» Task details
For each line in the data below that holds "Construction", return a copy.

>>

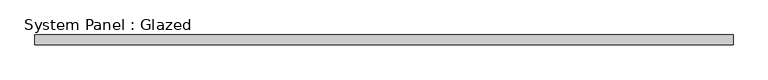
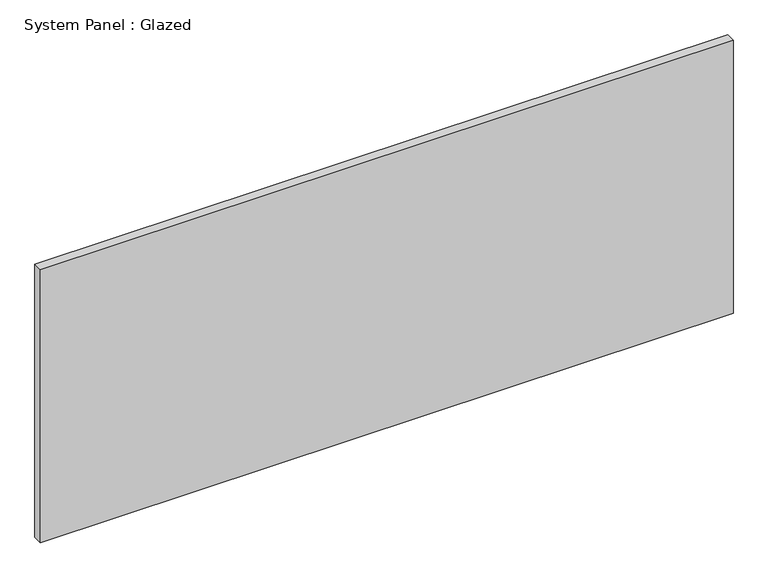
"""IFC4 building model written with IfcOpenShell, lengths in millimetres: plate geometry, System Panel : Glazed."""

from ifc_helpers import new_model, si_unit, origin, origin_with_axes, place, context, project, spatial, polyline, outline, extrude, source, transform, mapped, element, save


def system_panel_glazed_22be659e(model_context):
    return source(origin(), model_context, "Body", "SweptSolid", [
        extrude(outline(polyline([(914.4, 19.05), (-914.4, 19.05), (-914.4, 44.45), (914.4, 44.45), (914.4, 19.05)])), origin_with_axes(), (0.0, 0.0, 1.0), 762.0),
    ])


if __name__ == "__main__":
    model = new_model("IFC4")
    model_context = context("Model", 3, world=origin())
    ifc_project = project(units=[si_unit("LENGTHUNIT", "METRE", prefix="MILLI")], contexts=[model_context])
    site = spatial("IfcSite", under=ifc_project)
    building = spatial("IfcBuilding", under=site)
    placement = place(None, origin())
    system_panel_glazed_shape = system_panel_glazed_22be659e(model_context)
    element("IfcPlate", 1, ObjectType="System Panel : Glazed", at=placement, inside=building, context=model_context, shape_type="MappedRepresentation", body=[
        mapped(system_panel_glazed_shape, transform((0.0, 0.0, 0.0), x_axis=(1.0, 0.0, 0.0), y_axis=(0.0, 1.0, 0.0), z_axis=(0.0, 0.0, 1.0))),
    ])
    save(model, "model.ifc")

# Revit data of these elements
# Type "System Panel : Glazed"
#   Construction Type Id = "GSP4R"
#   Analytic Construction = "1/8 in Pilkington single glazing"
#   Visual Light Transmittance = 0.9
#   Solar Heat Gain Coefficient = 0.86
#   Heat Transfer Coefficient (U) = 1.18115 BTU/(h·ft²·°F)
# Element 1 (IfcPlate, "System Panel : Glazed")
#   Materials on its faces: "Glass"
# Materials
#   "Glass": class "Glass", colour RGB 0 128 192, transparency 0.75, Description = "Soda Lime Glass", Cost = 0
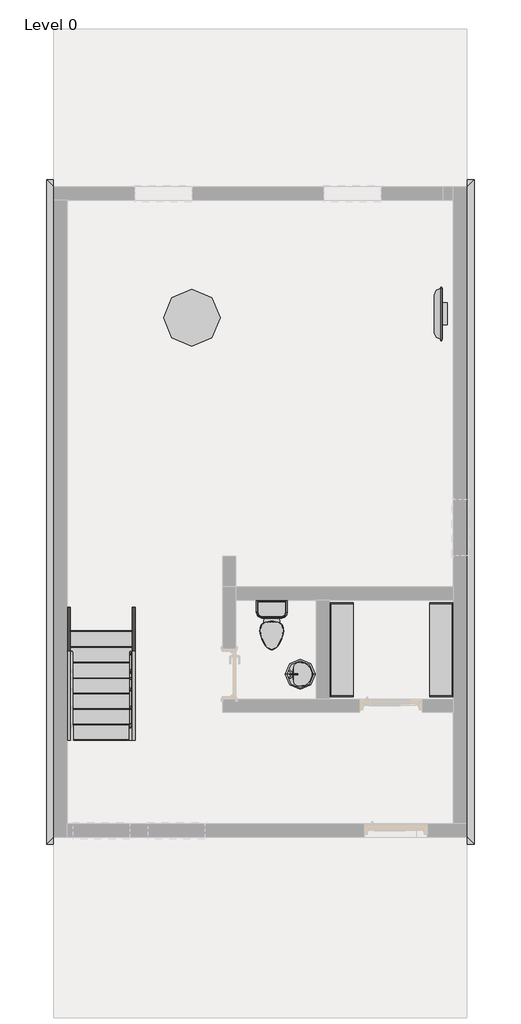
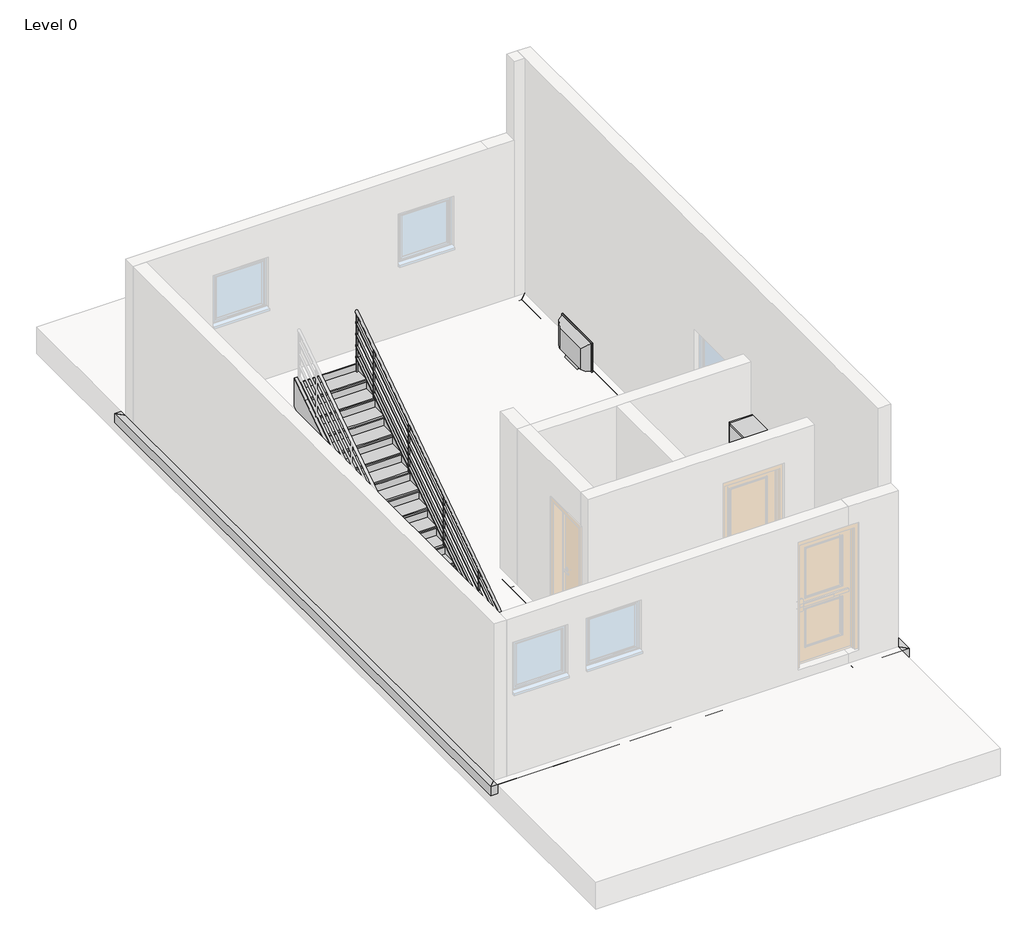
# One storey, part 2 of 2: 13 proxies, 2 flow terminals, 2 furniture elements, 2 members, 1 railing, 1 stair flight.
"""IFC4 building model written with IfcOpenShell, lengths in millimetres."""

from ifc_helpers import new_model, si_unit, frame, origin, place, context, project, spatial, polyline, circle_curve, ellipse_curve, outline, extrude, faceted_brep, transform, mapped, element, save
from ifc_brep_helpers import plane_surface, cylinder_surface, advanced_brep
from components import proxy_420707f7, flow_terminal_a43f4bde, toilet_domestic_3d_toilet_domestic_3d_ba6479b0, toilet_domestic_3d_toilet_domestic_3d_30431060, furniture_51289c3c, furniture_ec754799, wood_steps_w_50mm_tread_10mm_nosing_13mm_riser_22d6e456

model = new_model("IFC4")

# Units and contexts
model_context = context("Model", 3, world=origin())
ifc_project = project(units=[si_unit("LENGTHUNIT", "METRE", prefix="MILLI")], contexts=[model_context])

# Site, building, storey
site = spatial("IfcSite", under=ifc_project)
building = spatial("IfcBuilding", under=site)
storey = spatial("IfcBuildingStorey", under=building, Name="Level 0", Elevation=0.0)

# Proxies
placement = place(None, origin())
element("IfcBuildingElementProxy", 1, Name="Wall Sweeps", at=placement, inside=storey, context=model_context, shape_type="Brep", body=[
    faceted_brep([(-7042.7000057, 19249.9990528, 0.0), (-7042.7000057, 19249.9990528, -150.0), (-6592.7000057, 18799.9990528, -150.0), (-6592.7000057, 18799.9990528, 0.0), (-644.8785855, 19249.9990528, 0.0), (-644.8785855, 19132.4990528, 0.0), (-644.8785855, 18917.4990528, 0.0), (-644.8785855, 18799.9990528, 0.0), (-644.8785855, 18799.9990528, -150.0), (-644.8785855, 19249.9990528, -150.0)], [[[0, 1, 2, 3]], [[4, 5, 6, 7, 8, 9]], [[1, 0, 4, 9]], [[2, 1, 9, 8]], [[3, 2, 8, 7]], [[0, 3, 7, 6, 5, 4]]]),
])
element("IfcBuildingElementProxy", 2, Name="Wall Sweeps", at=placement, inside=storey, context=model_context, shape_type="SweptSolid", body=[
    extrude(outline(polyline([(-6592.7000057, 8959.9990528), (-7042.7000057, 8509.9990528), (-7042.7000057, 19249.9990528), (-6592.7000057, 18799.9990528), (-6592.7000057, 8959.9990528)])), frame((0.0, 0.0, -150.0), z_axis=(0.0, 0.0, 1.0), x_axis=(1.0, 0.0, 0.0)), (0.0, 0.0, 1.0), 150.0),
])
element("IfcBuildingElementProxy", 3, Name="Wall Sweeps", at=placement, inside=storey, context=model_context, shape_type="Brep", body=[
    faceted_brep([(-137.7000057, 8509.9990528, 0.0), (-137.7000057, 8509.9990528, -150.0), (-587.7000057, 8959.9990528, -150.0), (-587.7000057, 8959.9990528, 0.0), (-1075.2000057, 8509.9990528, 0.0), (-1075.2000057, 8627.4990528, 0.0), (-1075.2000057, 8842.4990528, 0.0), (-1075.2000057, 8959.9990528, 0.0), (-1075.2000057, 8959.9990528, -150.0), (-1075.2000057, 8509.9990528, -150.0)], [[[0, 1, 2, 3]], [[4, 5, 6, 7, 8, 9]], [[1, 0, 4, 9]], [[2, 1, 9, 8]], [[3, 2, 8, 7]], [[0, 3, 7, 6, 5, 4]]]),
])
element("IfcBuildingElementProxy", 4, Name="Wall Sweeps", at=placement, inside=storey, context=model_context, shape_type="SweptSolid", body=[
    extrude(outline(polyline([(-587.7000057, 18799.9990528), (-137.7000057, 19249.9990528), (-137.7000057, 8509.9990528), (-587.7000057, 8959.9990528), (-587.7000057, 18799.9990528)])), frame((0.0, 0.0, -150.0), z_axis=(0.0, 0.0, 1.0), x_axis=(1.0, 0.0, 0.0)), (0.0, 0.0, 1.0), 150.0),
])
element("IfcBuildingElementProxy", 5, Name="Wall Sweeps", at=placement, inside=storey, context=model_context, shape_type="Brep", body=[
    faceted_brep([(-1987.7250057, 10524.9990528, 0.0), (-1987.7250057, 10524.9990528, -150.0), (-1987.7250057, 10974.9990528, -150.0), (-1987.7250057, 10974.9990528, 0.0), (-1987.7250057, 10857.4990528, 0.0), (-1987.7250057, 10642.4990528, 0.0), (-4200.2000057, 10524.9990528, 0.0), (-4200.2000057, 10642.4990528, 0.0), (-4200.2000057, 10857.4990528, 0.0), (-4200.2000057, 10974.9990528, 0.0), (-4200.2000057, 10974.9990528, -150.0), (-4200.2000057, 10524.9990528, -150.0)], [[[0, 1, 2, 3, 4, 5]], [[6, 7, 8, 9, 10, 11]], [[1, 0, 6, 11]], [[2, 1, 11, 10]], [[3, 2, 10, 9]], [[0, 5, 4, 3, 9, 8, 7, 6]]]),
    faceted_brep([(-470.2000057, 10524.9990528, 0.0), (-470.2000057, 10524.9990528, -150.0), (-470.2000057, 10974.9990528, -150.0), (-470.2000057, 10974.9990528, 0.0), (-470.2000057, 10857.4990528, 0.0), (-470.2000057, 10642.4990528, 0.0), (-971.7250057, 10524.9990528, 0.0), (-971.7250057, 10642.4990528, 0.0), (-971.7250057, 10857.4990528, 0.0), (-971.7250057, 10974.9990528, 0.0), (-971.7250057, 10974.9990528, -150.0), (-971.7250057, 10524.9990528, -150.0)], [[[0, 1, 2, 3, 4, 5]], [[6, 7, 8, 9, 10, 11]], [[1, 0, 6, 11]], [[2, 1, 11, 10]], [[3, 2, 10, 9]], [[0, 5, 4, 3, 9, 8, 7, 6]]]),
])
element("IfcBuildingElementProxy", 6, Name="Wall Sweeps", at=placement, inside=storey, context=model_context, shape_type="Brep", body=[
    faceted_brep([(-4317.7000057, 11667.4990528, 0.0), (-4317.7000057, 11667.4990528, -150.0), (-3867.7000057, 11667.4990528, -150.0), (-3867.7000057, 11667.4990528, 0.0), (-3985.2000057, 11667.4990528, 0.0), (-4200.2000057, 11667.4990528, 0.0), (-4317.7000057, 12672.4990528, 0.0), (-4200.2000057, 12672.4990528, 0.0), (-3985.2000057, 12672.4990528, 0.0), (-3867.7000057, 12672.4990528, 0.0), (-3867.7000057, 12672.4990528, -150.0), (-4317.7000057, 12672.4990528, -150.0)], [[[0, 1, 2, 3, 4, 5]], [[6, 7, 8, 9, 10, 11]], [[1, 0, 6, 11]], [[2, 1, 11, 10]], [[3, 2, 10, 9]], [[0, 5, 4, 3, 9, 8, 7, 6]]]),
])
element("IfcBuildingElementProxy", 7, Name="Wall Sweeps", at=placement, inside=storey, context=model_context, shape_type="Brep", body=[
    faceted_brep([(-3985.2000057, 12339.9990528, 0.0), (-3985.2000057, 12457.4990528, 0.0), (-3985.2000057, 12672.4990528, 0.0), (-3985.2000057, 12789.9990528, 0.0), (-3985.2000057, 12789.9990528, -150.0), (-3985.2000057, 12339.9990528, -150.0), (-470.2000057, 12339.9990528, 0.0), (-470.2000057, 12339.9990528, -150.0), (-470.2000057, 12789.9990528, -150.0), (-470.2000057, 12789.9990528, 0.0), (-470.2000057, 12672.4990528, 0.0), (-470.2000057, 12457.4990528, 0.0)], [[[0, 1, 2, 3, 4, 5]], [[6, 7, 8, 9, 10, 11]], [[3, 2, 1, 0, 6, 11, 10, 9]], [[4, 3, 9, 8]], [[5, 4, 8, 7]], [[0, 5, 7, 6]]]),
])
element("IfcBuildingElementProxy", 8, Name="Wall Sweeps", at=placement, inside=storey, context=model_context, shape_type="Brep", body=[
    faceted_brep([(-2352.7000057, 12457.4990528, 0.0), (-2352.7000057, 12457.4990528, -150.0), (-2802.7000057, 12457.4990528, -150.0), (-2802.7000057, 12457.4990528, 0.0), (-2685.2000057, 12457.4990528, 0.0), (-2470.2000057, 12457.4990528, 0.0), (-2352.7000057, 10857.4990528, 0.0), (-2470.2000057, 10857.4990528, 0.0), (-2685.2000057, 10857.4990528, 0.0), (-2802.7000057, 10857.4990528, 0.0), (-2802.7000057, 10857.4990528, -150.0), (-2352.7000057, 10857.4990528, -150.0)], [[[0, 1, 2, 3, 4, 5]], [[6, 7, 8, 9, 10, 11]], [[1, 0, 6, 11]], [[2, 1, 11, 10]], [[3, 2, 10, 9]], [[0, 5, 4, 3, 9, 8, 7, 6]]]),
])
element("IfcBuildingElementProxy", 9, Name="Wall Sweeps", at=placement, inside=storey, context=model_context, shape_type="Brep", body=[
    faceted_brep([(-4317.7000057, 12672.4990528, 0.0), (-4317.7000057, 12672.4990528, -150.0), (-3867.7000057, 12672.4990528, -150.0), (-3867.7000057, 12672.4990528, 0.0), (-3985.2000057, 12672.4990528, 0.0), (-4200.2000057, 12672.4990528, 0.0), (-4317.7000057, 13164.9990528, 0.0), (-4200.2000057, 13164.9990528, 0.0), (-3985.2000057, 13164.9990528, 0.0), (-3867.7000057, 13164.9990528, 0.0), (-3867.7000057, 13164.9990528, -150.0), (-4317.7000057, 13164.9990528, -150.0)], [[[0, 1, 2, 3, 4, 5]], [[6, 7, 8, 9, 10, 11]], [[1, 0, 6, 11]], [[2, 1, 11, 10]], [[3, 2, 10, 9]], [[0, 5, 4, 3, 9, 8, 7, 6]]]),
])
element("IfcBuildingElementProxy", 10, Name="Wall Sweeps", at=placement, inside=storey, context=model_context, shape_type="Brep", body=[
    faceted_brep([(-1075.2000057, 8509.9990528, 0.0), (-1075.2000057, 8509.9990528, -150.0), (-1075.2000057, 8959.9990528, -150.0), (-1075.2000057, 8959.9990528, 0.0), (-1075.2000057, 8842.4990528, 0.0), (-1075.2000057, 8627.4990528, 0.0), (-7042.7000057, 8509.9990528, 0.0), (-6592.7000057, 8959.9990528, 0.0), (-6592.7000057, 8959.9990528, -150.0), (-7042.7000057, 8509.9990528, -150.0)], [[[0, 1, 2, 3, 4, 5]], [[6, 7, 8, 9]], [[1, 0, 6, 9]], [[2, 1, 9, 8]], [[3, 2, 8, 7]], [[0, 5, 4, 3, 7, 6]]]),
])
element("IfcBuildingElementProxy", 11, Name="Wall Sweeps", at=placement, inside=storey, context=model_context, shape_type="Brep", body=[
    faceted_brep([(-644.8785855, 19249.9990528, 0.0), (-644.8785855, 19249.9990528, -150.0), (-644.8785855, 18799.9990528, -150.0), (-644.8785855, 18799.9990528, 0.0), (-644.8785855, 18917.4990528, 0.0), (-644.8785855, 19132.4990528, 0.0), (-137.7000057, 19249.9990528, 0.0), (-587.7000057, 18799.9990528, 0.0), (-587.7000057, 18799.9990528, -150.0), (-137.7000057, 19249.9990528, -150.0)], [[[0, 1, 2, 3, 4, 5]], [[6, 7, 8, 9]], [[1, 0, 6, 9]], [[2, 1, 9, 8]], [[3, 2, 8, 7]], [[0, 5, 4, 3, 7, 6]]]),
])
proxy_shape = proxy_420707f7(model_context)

<<

» Result for this task
#   Construction Type Id = "GSP4R"
#   Analytic Construction = "1/8 in Pilkington single glazing"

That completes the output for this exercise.